**Exercise objective**
Write out each line from the data below that includes the word "subcontext".

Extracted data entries
=== Begin Enclosure ===
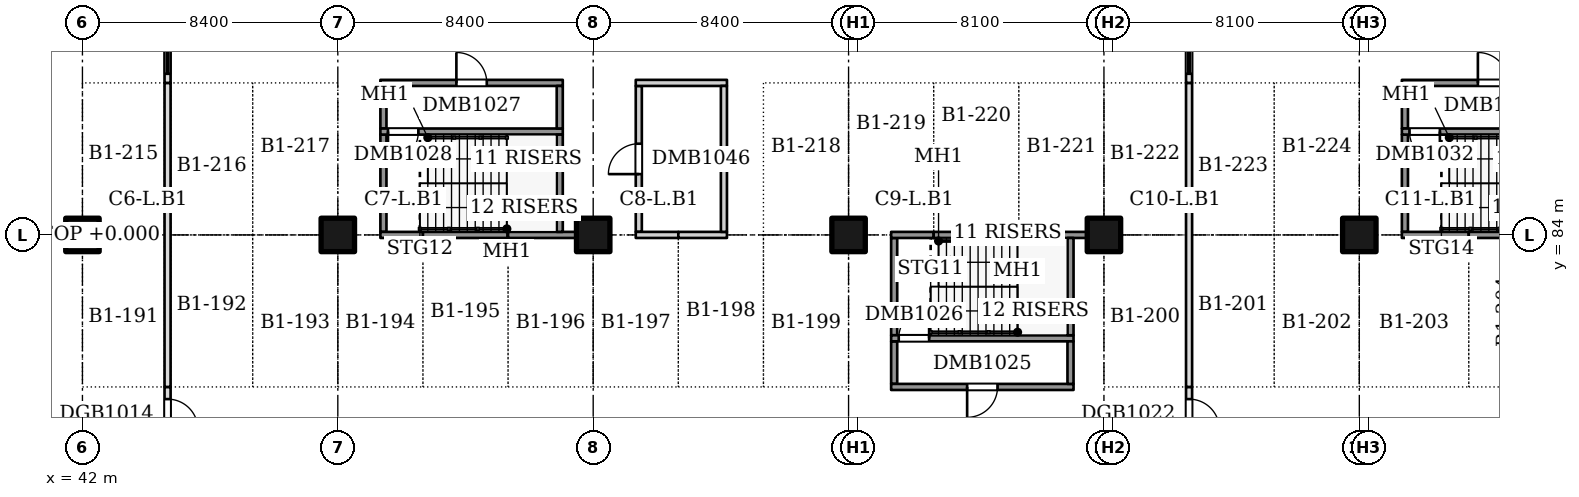
"""IFC4 building model, lengths in metres.
Left out: names, types, materials, properties, quantities, classifications, styles, units other than length and angle.
Written with IfcOpenShell. Run it as: python <this file> out.ifc"""

import sys

from ifc_helpers import new_model, si_unit, direction, frame, frame_2d, origin, origin_2d, place, context, subcontext, project, spatial, rectangle, extrude, element, fill, save


model = new_model("IFC4")
c1 = context("Model", 3, precision=1e-05, world=origin(), true_north=direction((0.0, 1.0)))
c2 = subcontext(c1, "Body", "Model", "MODEL_VIEW")
j1 = project(units=[si_unit("LENGTHUNIT", "METRE"), si_unit("PLANEANGLEUNIT", "RADIAN")], contexts=[c1])
p1 = place(None, origin())
s1 = spatial("IfcSite", under=j1, at=p1, CompositionType="ELEMENT")
p2 = place(p1, origin())
s2 = spatial("IfcBuilding", under=s1, at=p2, CompositionType="ELEMENT")
p3 = place(p2, frame((0.0, 0.0, -4.0)))
s3 = spatial("IfcBuildingStorey", under=s2, at=p3, CompositionType="ELEMENT", Elevation=-4.0)
for number, where, z_axis, x_axis in (
    (1, (42.0, 84.0, 0.0), (0.0, 0.0, 1.0), (1.0, 0.0, 0.0)),
    (2, (50.4, 84.0, 0.0), (0.0, 0.0, 1.0), (1.0, 0.0, 0.0)),
    (3, (58.8, 84.0, 0.0), (0.0, 0.0, 1.0), (1.0, 0.0, 0.0)),
    (4, (67.2, 84.0, 0.0), (0.0, 0.0, 1.0), (1.0, 0.0, 0.0)),
    (5, (75.6, 84.0, 0.0), (0.0, 0.0, 1.0), (1.0, 0.0, 0.0)),
    (6, (84.0, 84.0, 0.0), (0.0, 0.0, 1.0), (1.0, 0.0, 0.0)),
):
    element("IfcColumn", number, at=place(p3, frame(where, z_axis=z_axis, x_axis=x_axis)), inside=s3, PredefinedType="COLUMN", context=c2, shape_type="SweptSolid", body=[
        extrude(rectangle(XDim=1.1, YDim=1.1, at=origin_2d()), origin(), (0.0, 0.0, 1.0), 3.6),
    ])
p4 = place(p3, frame((51.9, 84.1, 0.0), z_axis=(0.0, 0.0, 1.0), x_axis=(0.0, 1.0, 0.0)))
e7 = element("IfcWall", 7, at=p4, inside=s3, PredefinedType="SOLIDWALL", context=c2, shape_type="SweptSolid", body=[
    extrude(rectangle(XDim=3.2, YDim=0.2, at=frame_2d((1.6, 0.0))), origin(), (0.0, 0.0, 1.0), 4.0),
])
for number, where, z_axis, x_axis in (
    (8, (51.8, 84.0, 0.0), (0.0, 0.0, 1.0), (1.0, 0.0, 0.0)),
    (9, (51.9, 87.5, 0.0), (0.0, 0.0, 1.0), (0.0, 1.0, 0.0)),
):
    element("IfcWall", number, at=place(p3, frame(where, z_axis=z_axis, x_axis=x_axis)), inside=s3, PredefinedType="SOLIDWALL", context=c2, shape_type="SweptSolid", body=[
        extrude(rectangle(XDim=1.4, YDim=0.2, at=frame_2d((0.7, 0.0))), origin(), (0.0, 0.0, 1.0), 4.0),
    ])
p5 = place(p3, frame((51.8, 87.4, 0.0), z_axis=(0.0, 0.0, 1.0), x_axis=(1.0, 0.0, 0.0)))
e10 = element("IfcWall", 10, at=p5, inside=s3, PredefinedType="SOLIDWALL", context=c2, shape_type="SweptSolid", body=[
    extrude(rectangle(XDim=6.0, YDim=0.2, at=frame_2d((3.0, 0.0))), origin(), (0.0, 0.0, 1.0), 4.0),
])
p6 = place(p5, frame((0.25, 0.0, 0.0)))
e11 = element("IfcOpeningElement", 11, at=p6, cuts=e10, PredefinedType="OPENING", context=c2, shape_type="SweptSolid", body=[
    extrude(rectangle(XDim=1.0, YDim=2.1, at=frame_2d((0.5, 1.05))), frame((0.0, 0.11, 0.0), z_axis=(0.0, -1.0, 0.0), x_axis=(1.0, 0.0, 0.0)), (0.0, 0.0, 1.0), 0.22),
])
p7 = place(p3, frame((51.8, 89.0, 0.0), z_axis=(0.0, 0.0, 1.0), x_axis=(1.0, 0.0, 0.0)))
e12 = element("IfcWall", 12, at=p7, inside=s3, PredefinedType="SOLIDWALL", context=c2, shape_type="SweptSolid", body=[
    extrude(rectangle(XDim=6.0, YDim=0.2, at=frame_2d((3.0, 0.0))), origin(), (0.0, 0.0, 1.0), 4.0),
])
p8 = place(p7, frame((2.5, 0.0, 0.0)))
e13 = element("IfcOpeningElement", 13, at=p8, cuts=e12, PredefinedType="OPENING", context=c2, shape_type="SweptSolid", body=[
    extrude(rectangle(XDim=1.0, YDim=2.1, at=frame_2d((0.5, 1.05))), frame((0.0, 0.11, 0.0), z_axis=(0.0, -1.0, 0.0), x_axis=(1.0, 0.0, 0.0)), (0.0, 0.0, 1.0), 0.22),
])
p9 = place(p3, frame((53.2, 84.0, 0.0), z_axis=(0.0, 0.0, 1.0), x_axis=(1.0, 0.0, 0.0)))
e14 = element("IfcWall", 14, at=p9, inside=s3, PredefinedType="SOLIDWALL", context=c2, shape_type="SweptSolid", body=[
    extrude(rectangle(XDim=2.8, YDim=0.2, at=frame_2d((1.4, 0.0))), origin(), (0.0, 0.0, 1.0), 4.0),
])
p10 = place(p3, frame((56.0, 84.0, 0.0), z_axis=(0.0, 0.0, 1.0), x_axis=(1.0, 0.0, 0.0)))
e15 = element("IfcWall", 15, at=p10, inside=s3, PredefinedType="SOLIDWALL", context=c2, shape_type="SweptSolid", body=[
    extrude(rectangle(XDim=2.25, YDim=0.2, at=frame_2d((1.125, 0.0))), origin(), (0.0, 0.0, 1.0), 4.0),
])
p11 = place(p3, frame((57.7, 84.1, 0.0), z_axis=(0.0, 0.0, 1.0), x_axis=(0.0, 1.0, 0.0)))
e16 = element("IfcWall", 16, at=p11, inside=s3, PredefinedType="SOLIDWALL", context=c2, shape_type="SweptSolid", body=[
    extrude(rectangle(XDim=3.2, YDim=0.2, at=frame_2d((1.6, 0.0))), origin(), (0.0, 0.0, 1.0), 4.0),
])
p12 = place(p3, frame((57.7, 87.5, 0.0), z_axis=(0.0, 0.0, 1.0), x_axis=(0.0, 1.0, 0.0)))
e17 = element("IfcWall", 17, at=p12, inside=s3, PredefinedType="SOLIDWALL", context=c2, shape_type="SweptSolid", body=[
    extrude(rectangle(XDim=1.4, YDim=0.2, at=frame_2d((0.7, 0.0))), origin(), (0.0, 0.0, 1.0), 4.0),
])
p13 = place(p3, frame((60.3, 84.1, 0.0), z_axis=(0.0, 0.0, 1.0), x_axis=(0.0, 1.0, 0.0)))
e18 = element("IfcWall", 18, at=p13, inside=s3, PredefinedType="PARTITIONING", context=c2, shape_type="SweptSolid", body=[
    extrude(rectangle(XDim=4.8, YDim=0.2, at=frame_2d((2.4, 0.0))), origin(), (0.0, 0.0, 1.0), 3.6),
])
p14 = place(p13, frame((1.9, 0.0, 0.0)))
e19 = element("IfcOpeningElement", 19, at=p14, cuts=e18, PredefinedType="OPENING", context=c2, shape_type="SweptSolid", body=[
    extrude(rectangle(XDim=1.0, YDim=2.1, at=frame_2d((0.5, 1.05))), frame((0.0, 0.11, 0.0), z_axis=(0.0, -1.0, 0.0), x_axis=(1.0, 0.0, 0.0)), (0.0, 0.0, 1.0), 0.22),
])
p15 = place(p3, frame((60.2, 84.0, 0.0), z_axis=(0.0, 0.0, 1.0), x_axis=(1.0, 0.0, 0.0)))
e20 = element("IfcWall", 20, at=p15, inside=s3, PredefinedType="PARTITIONING", context=c2, shape_type="SweptSolid", body=[
    extrude(rectangle(XDim=1.4, YDim=0.2, at=frame_2d((0.7, 0.0))), origin(), (0.0, 0.0, 1.0), 3.6),
])
p16 = place(p3, frame((60.2, 89.0, 0.0), z_axis=(0.0, 0.0, 1.0), x_axis=(1.0, 0.0, 0.0)))
e21 = element("IfcWall", 21, at=p16, inside=s3, PredefinedType="PARTITIONING", context=c2, shape_type="SweptSolid", body=[
    extrude(rectangle(XDim=3.0, YDim=0.2, at=frame_2d((1.5, 0.0))), origin(), (0.0, 0.0, 1.0), 3.6),
])
p17 = place(p3, frame((61.6, 84.0, 0.0), z_axis=(0.0, 0.0, 1.0), x_axis=(1.0, 0.0, 0.0)))
e22 = element("IfcWall", 22, at=p17, inside=s3, PredefinedType="PARTITIONING", context=c2, shape_type="SweptSolid", body=[
    extrude(rectangle(XDim=1.6, YDim=0.2, at=frame_2d((0.8, 0.0))), origin(), (0.0, 0.0, 1.0), 3.6),
])
p18 = place(p3, frame((63.1, 84.1, 0.0), z_axis=(0.0, 0.0, 1.0), x_axis=(0.0, 1.0, 0.0)))
e23 = element("IfcWall", 23, at=p18, inside=s3, PredefinedType="PARTITIONING", context=c2, shape_type="SweptSolid", body=[
    extrude(rectangle(XDim=4.8, YDim=0.2, at=frame_2d((2.4, 0.0))), origin(), (0.0, 0.0, 1.0), 3.6),
])
p19 = place(p3, frame((68.7, 79.1, 0.0), z_axis=(0.0, 0.0, 1.0), x_axis=(0.0, 1.0, 0.0)))
e24 = element("IfcWall", 24, at=p19, inside=s3, PredefinedType="SOLIDWALL", context=c2, shape_type="SweptSolid", body=[
    extrude(rectangle(XDim=1.4, YDim=0.2, at=frame_2d((0.7, 0.0))), origin(), (0.0, 0.0, 1.0), 4.0),
])
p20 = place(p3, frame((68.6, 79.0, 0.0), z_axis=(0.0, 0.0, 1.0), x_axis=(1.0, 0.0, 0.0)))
=== End Enclosure ===
**Answer space**
from ifc_helpers import new_model, si_unit, direction, frame, frame_2d, origin, origin_2d, place, context, subcontext, project, spatial, rectangle, extrude, element, fill, save
c2 = subcontext(c1, "Body", "Model", "MODEL_VIEW")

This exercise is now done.